[REQUIRED ACTION] From the line containing "# Element 1" down to the last line of the data, output each line word for word and include nothing else.

[MATERIAL FOR THE TASK]

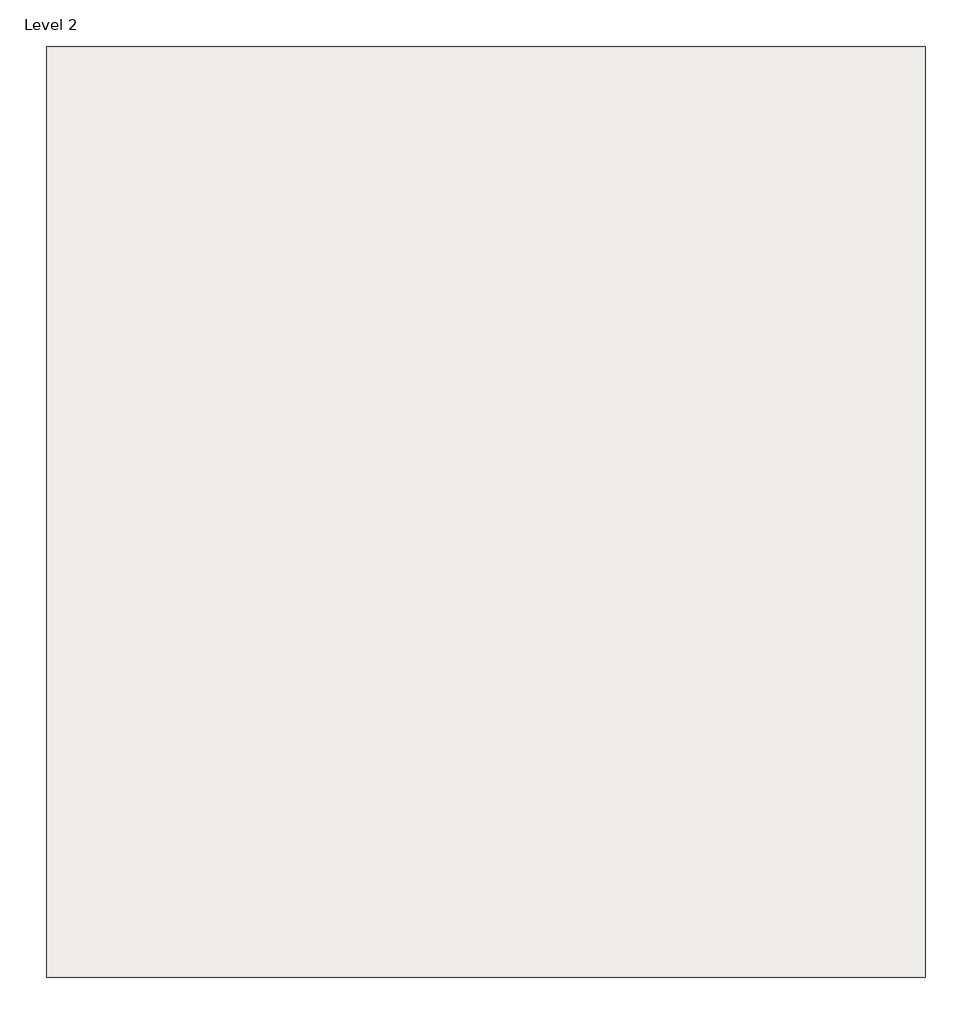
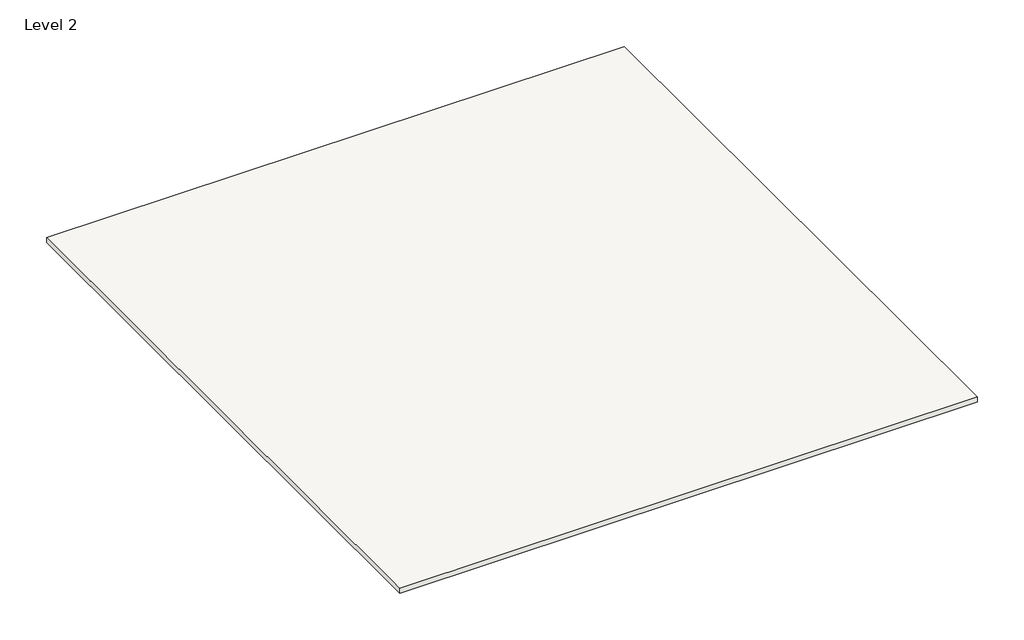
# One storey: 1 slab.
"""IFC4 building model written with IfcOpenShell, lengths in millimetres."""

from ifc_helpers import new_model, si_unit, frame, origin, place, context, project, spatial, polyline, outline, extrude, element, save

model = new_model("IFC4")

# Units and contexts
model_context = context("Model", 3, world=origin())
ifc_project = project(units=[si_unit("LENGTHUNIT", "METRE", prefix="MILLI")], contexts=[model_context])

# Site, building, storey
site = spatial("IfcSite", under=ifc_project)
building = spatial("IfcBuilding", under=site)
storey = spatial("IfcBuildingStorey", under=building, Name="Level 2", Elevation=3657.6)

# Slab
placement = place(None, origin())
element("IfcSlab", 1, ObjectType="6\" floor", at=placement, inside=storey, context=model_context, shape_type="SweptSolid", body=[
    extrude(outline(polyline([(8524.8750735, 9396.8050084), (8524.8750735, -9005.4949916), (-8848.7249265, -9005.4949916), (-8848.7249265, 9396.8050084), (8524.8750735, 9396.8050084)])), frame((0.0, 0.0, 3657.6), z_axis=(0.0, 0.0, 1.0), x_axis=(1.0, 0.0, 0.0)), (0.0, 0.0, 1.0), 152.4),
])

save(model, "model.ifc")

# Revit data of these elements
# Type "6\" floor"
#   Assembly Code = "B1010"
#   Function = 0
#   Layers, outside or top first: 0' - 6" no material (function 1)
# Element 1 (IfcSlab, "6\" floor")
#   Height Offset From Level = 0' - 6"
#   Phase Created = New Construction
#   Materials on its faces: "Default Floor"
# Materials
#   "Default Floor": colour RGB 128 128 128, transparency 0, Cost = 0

[WRITTEN SOLUTION]
# Element 1 (IfcSlab, "6\" floor")
#   Height Offset From Level = 0' - 6"
#   Phase Created = New Construction
#   Materials on its faces: "Default Floor"
# Materials
#   "Default Floor": colour RGB 128 128 128, transparency 0, Cost = 0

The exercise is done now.